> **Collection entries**
::::::::
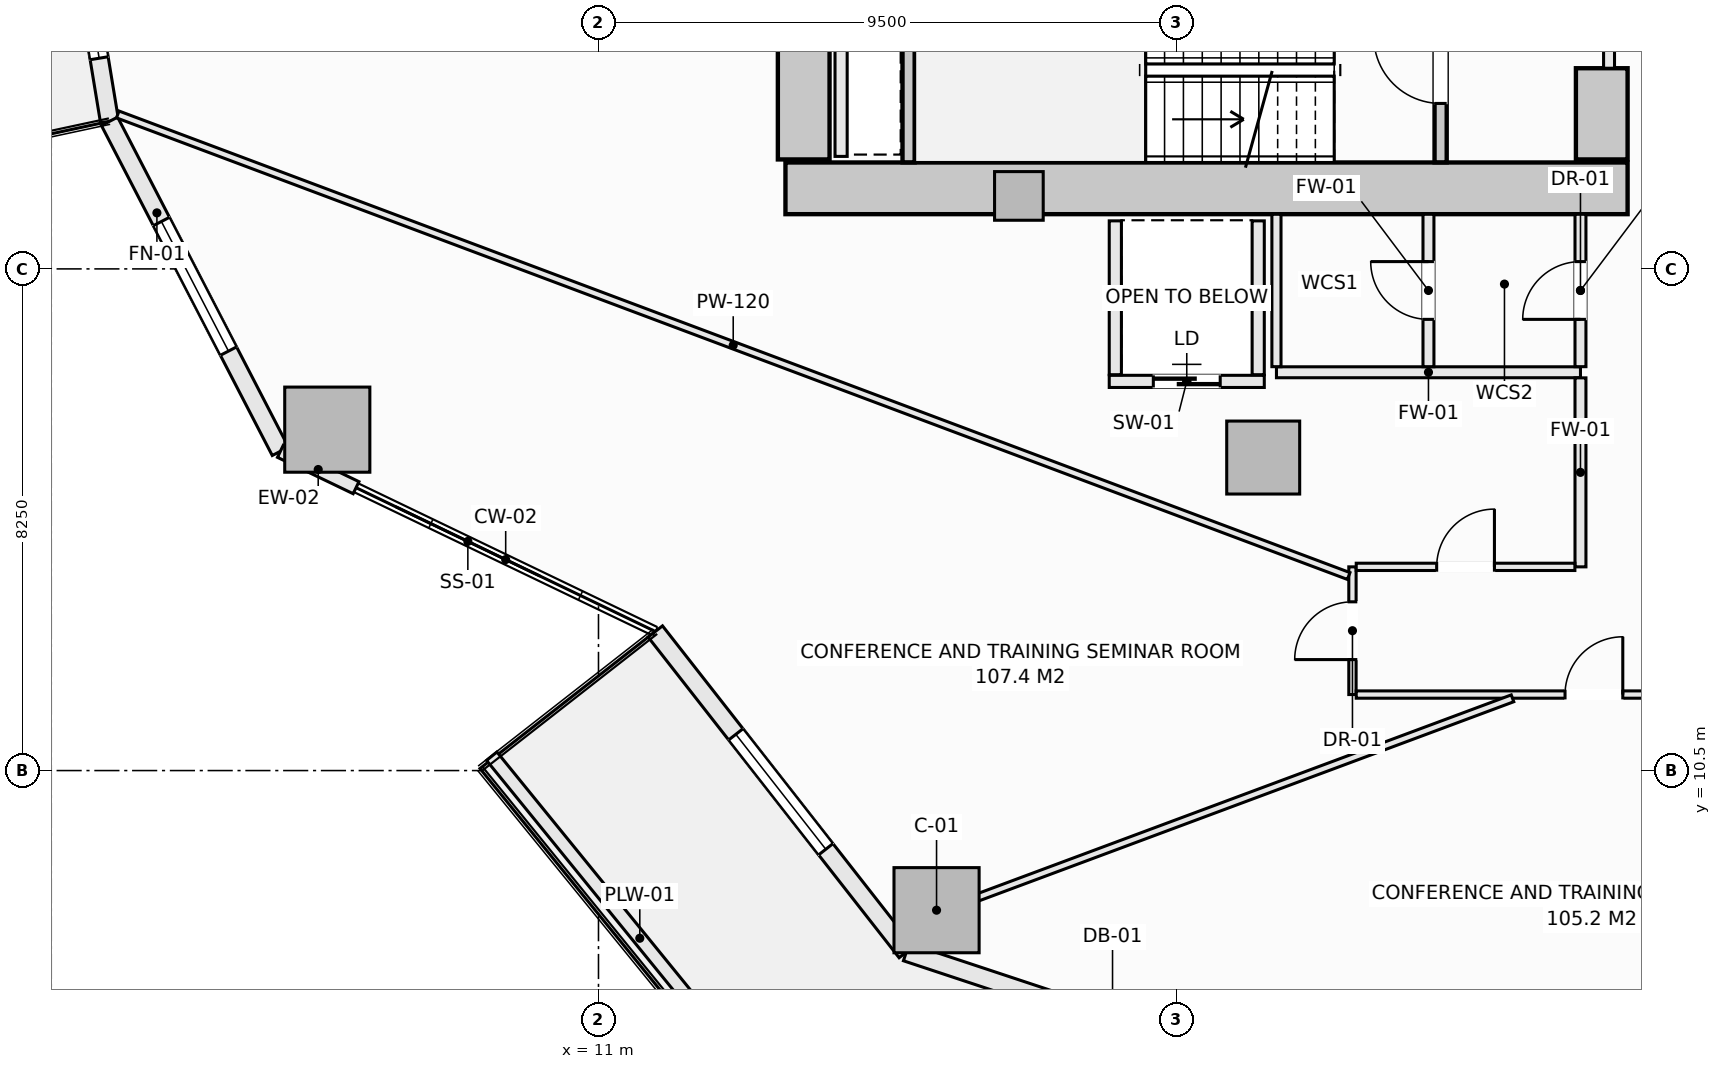
"""IFC4 building model, lengths in metres.
Left out: names, types, materials, properties, quantities, classifications, styles, units other than length and angle.
Written with IfcOpenShell. Run it as: python <this file> out.ifc"""

import sys

from ifc_helpers import new_model, si_unit, direction, frame, frame_2d, origin, origin_2d, place, context, subcontext, project, spatial, rectangle, extrude, element, fill, save


model = new_model("IFC4")
c1 = context("Model", 3, precision=1e-05, world=origin(), true_north=direction((0.0, 1.0)))
c2 = subcontext(c1, "Body", "Model", "MODEL_VIEW")
j1 = project(units=[si_unit("LENGTHUNIT", "METRE"), si_unit("PLANEANGLEUNIT", "RADIAN")], contexts=[c1])
p1 = place(None, origin())
s1 = spatial("IfcSite", under=j1, at=p1, CompositionType="ELEMENT")
p2 = place(p1, origin())
s2 = spatial("IfcBuilding", under=s1, at=p2, CompositionType="ELEMENT")
p3 = place(p2, frame((0.0, 0.0, 38.05)))
s3 = spatial("IfcBuildingStorey", under=s2, at=p3, CompositionType="ELEMENT", Elevation=38.05)
p4 = place(p3, frame((14.075, 20.075, -0.28), z_axis=(0.0, 0.0, 1.0), x_axis=(1.0, 0.0, 0.0)))
e1 = element("IfcWall", 1, at=p4, inside=s3, PredefinedType="SHEAR", context=c2, shape_type="SweptSolid", body=[
    extrude(rectangle(XDim=13.85, YDim=0.85, at=frame_2d((6.925, 0.0))), origin(), (0.0, 0.0, 1.0), 3.85),
])
p5 = place(p3, frame((14.375, 20.55, -0.28), z_axis=(0.0, 0.0, 1.0), x_axis=(0.0, 1.0, 0.0)))
e2 = element("IfcWall", 2, at=p5, inside=s3, PredefinedType="SHEAR", context=c2, shape_type="SweptSolid", body=[
    extrude(rectangle(XDim=12.9, YDim=0.85, at=frame_2d((6.45, 0.0))), origin(), (0.0, 0.0, 1.0), 3.85),
])
p6 = place(p3, frame((27.5, 20.55, -0.28), z_axis=(0.0, 0.0, 1.0), x_axis=(0.0, 1.0, 0.0)))
e3 = element("IfcWall", 3, at=p6, inside=s3, PredefinedType="SHEAR", context=c2, shape_type="SweptSolid", body=[
    extrude(rectangle(XDim=1.5, YDim=0.85, at=frame_2d((0.75, 0.0))), origin(), (0.0, 0.0, 1.0), 3.85),
])
for number, where, z_axis, x_axis in (
    (4, (6.54, 16.106, -0.28), (0.0, 0.0, 1.0), (1.0, 0.0, 0.0)),
    (5, (16.56, 8.204, -0.28), (0.0, 0.0, 1.0), (1.0, 0.0, 0.0)),
):
    element("IfcColumn", number, at=place(p3, frame(where, z_axis=z_axis, x_axis=x_axis)), inside=s3, PredefinedType="COLUMN", context=c2, shape_type="SweptSolid", body=[
        extrude(rectangle(XDim=1.4, YDim=1.4, at=origin_2d()), origin(), (0.0, 0.0, 1.0), 3.85),
    ])
p7 = place(p3, frame((21.932, 15.648, -0.28), z_axis=(0.0, 0.0, 1.0), x_axis=(1.0, 0.0, 0.0)))
e6 = element("IfcColumn", 6, at=p7, inside=s3, PredefinedType="COLUMN", context=c2, shape_type="SweptSolid", body=[
    extrude(rectangle(XDim=1.2, YDim=1.2, at=origin_2d()), origin(), (0.0, 0.0, 1.0), 3.85),
])
p8 = place(p3, frame((17.914, 19.95, -0.28), z_axis=(0.0, 0.0, 1.0), x_axis=(1.0, 0.0, 0.0)))
e7 = element("IfcColumn", 7, at=p8, inside=s3, PredefinedType="PILASTER", context=c2, shape_type="SweptSolid", body=[
    extrude(rectangle(XDim=0.8, YDim=0.8, at=origin_2d()), origin(), (0.0, 0.0, 1.0), 3.85),
])
p9 = place(p3, frame((2.0, 27.0, 0.0), z_axis=(0.0, 0.0, 1.0), x_axis=(0.162366057843, -0.98673059305, 0.0)))
e8 = element("IfcWall", 8, at=p9, inside=s3, PredefinedType="SOLIDWALL", context=c2, shape_type="SweptSolid", body=[
    extrude(rectangle(XDim=5.902, YDim=0.3, at=frame_2d((2.951, 0.0))), origin(), (0.0, 0.0, 1.0), 3.093),
])
p10 = place(p9, frame((2.45, 0.0, 0.85)))
e9 = element("IfcOpeningElement", 9, at=p10, cuts=e8, PredefinedType="OPENING", context=c2, shape_type="SweptSolid", body=[
    extrude(rectangle(XDim=2.4, YDim=1.9, at=frame_2d((1.2, 0.95))), frame((0.0, 0.16, 0.0), z_axis=(0.0, -1.0, 0.0), x_axis=(1.0, 0.0, 0.0)), (0.0, 0.0, 1.0), 0.32),
])
p11 = place(p3, frame((2.958, 21.177, 0.0), z_axis=(0.0, 0.0, 1.0), x_axis=(0.459809804413, -0.88801742312, 0.0)))
e10 = element("IfcWall", 10, at=p11, inside=s3, PredefinedType="SOLIDWALL", context=c2, shape_type="SweptSolid", body=[
    extrude(rectangle(XDim=6.111, YDim=0.3, at=frame_2d((3.055, 0.0))), origin(), (0.0, 0.0, 1.0), 3.093),
])
p12 = place(p11, frame((1.855, 0.0, 0.85)))
e11 = element("IfcOpeningElement", 11, at=p12, cuts=e10, PredefinedType="OPENING", context=c2, shape_type="SweptSolid", body=[
    extrude(rectangle(XDim=2.4, YDim=1.9, at=frame_2d((1.2, 0.95))), frame((0.0, 0.16, 0.0), z_axis=(0.0, -1.0, 0.0), x_axis=(1.0, 0.0, 0.0)), (0.0, 0.0, 1.0), 0.32),
])
p13 = place(p3, frame((5.768, 15.75, 0.0), z_axis=(0.0, 0.0, 1.0), x_axis=(0.90131879969, -0.433156347438, 0.0)))
e12 = element("IfcWall", 12, at=p13, inside=s3, PredefinedType="SOLIDWALL", context=c2, shape_type="SweptSolid", body=[
    extrude(rectangle(XDim=1.381, YDim=0.22, at=frame_2d((0.69, 0.0))), origin(), (0.0, 0.0, 1.0), 3.093),
])
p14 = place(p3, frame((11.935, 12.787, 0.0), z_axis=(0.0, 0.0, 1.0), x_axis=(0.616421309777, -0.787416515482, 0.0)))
::::::::
> **Problem**
Would you transcribe all of the data exactly, apart from its pictures?

> **Written reply**
"""IFC4 building model, lengths in metres.
Left out: names, types, materials, properties, quantities, classifications, styles, units other than length and angle.
Written with IfcOpenShell. Run it as: python <this file> out.ifc"""

import sys

from ifc_helpers import new_model, si_unit, direction, frame, frame_2d, origin, origin_2d, place, context, subcontext, project, spatial, rectangle, extrude, element, fill, save


model = new_model("IFC4")
c1 = context("Model", 3, precision=1e-05, world=origin(), true_north=direction((0.0, 1.0)))
c2 = subcontext(c1, "Body", "Model", "MODEL_VIEW")
j1 = project(units=[si_unit("LENGTHUNIT", "METRE"), si_unit("PLANEANGLEUNIT", "RADIAN")], contexts=[c1])
p1 = place(None, origin())
s1 = spatial("IfcSite", under=j1, at=p1, CompositionType="ELEMENT")
p2 = place(p1, origin())
s2 = spatial("IfcBuilding", under=s1, at=p2, CompositionType="ELEMENT")
p3 = place(p2, frame((0.0, 0.0, 38.05)))
s3 = spatial("IfcBuildingStorey", under=s2, at=p3, CompositionType="ELEMENT", Elevation=38.05)
p4 = place(p3, frame((14.075, 20.075, -0.28), z_axis=(0.0, 0.0, 1.0), x_axis=(1.0, 0.0, 0.0)))
e1 = element("IfcWall", 1, at=p4, inside=s3, PredefinedType="SHEAR", context=c2, shape_type="SweptSolid", body=[
    extrude(rectangle(XDim=13.85, YDim=0.85, at=frame_2d((6.925, 0.0))), origin(), (0.0, 0.0, 1.0), 3.85),
])
p5 = place(p3, frame((14.375, 20.55, -0.28), z_axis=(0.0, 0.0, 1.0), x_axis=(0.0, 1.0, 0.0)))
e2 = element("IfcWall", 2, at=p5, inside=s3, PredefinedType="SHEAR", context=c2, shape_type="SweptSolid", body=[
    extrude(rectangle(XDim=12.9, YDim=0.85, at=frame_2d((6.45, 0.0))), origin(), (0.0, 0.0, 1.0), 3.85),
])
p6 = place(p3, frame((27.5, 20.55, -0.28), z_axis=(0.0, 0.0, 1.0), x_axis=(0.0, 1.0, 0.0)))
e3 = element("IfcWall", 3, at=p6, inside=s3, PredefinedType="SHEAR", context=c2, shape_type="SweptSolid", body=[
    extrude(rectangle(XDim=1.5, YDim=0.85, at=frame_2d((0.75, 0.0))), origin(), (0.0, 0.0, 1.0), 3.85),
])
for number, where, z_axis, x_axis in (
    (4, (6.54, 16.106, -0.28), (0.0, 0.0, 1.0), (1.0, 0.0, 0.0)),
    (5, (16.56, 8.204, -0.28), (0.0, 0.0, 1.0), (1.0, 0.0, 0.0)),
):
    element("IfcColumn", number, at=place(p3, frame(where, z_axis=z_axis, x_axis=x_axis)), inside=s3, PredefinedType="COLUMN", context=c2, shape_type="SweptSolid", body=[
        extrude(rectangle(XDim=1.4, YDim=1.4, at=origin_2d()), origin(), (0.0, 0.0, 1.0), 3.85),
    ])
p7 = place(p3, frame((21.932, 15.648, -0.28), z_axis=(0.0, 0.0, 1.0), x_axis=(1.0, 0.0, 0.0)))
e6 = element("IfcColumn", 6, at=p7, inside=s3, PredefinedType="COLUMN", context=c2, shape_type="SweptSolid", body=[
    extrude(rectangle(XDim=1.2, YDim=1.2, at=origin_2d()), origin(), (0.0, 0.0, 1.0), 3.85),
])
p8 = place(p3, frame((17.914, 19.95, -0.28), z_axis=(0.0, 0.0, 1.0), x_axis=(1.0, 0.0, 0.0)))
e7 = element("IfcColumn", 7, at=p8, inside=s3, PredefinedType="PILASTER", context=c2, shape_type="SweptSolid", body=[
    extrude(rectangle(XDim=0.8, YDim=0.8, at=origin_2d()), origin(), (0.0, 0.0, 1.0), 3.85),
])
p9 = place(p3, frame((2.0, 27.0, 0.0), z_axis=(0.0, 0.0, 1.0), x_axis=(0.162366057843, -0.98673059305, 0.0)))
e8 = element("IfcWall", 8, at=p9, inside=s3, PredefinedType="SOLIDWALL", context=c2, shape_type="SweptSolid", body=[
    extrude(rectangle(XDim=5.902, YDim=0.3, at=frame_2d((2.951, 0.0))), origin(), (0.0, 0.0, 1.0), 3.093),
])
p10 = place(p9, frame((2.45, 0.0, 0.85)))
e9 = element("IfcOpeningElement", 9, at=p10, cuts=e8, PredefinedType="OPENING", context=c2, shape_type="SweptSolid", body=[
    extrude(rectangle(XDim=2.4, YDim=1.9, at=frame_2d((1.2, 0.95))), frame((0.0, 0.16, 0.0), z_axis=(0.0, -1.0, 0.0), x_axis=(1.0, 0.0, 0.0)), (0.0, 0.0, 1.0), 0.32),
])
p11 = place(p3, frame((2.958, 21.177, 0.0), z_axis=(0.0, 0.0, 1.0), x_axis=(0.459809804413, -0.88801742312, 0.0)))
e10 = element("IfcWall", 10, at=p11, inside=s3, PredefinedType="SOLIDWALL", context=c2, shape_type="SweptSolid", body=[
    extrude(rectangle(XDim=6.111, YDim=0.3, at=frame_2d((3.055, 0.0))), origin(), (0.0, 0.0, 1.0), 3.093),
])
p12 = place(p11, frame((1.855, 0.0, 0.85)))
e11 = element("IfcOpeningElement", 11, at=p12, cuts=e10, PredefinedType="OPENING", context=c2, shape_type="SweptSolid", body=[
    extrude(rectangle(XDim=2.4, YDim=1.9, at=frame_2d((1.2, 0.95))), frame((0.0, 0.16, 0.0), z_axis=(0.0, -1.0, 0.0), x_axis=(1.0, 0.0, 0.0)), (0.0, 0.0, 1.0), 0.32),
])
p13 = place(p3, frame((5.768, 15.75, 0.0), z_axis=(0.0, 0.0, 1.0), x_axis=(0.90131879969, -0.433156347438, 0.0)))
e12 = element("IfcWall", 12, at=p13, inside=s3, PredefinedType="SOLIDWALL", context=c2, shape_type="SweptSolid", body=[
    extrude(rectangle(XDim=1.381, YDim=0.22, at=frame_2d((0.69, 0.0))), origin(), (0.0, 0.0, 1.0), 3.093),
])
p14 = place(p3, frame((11.935, 12.787, 0.0), z_axis=(0.0, 0.0, 1.0), x_axis=(0.616421309777, -0.787416515482, 0.0)))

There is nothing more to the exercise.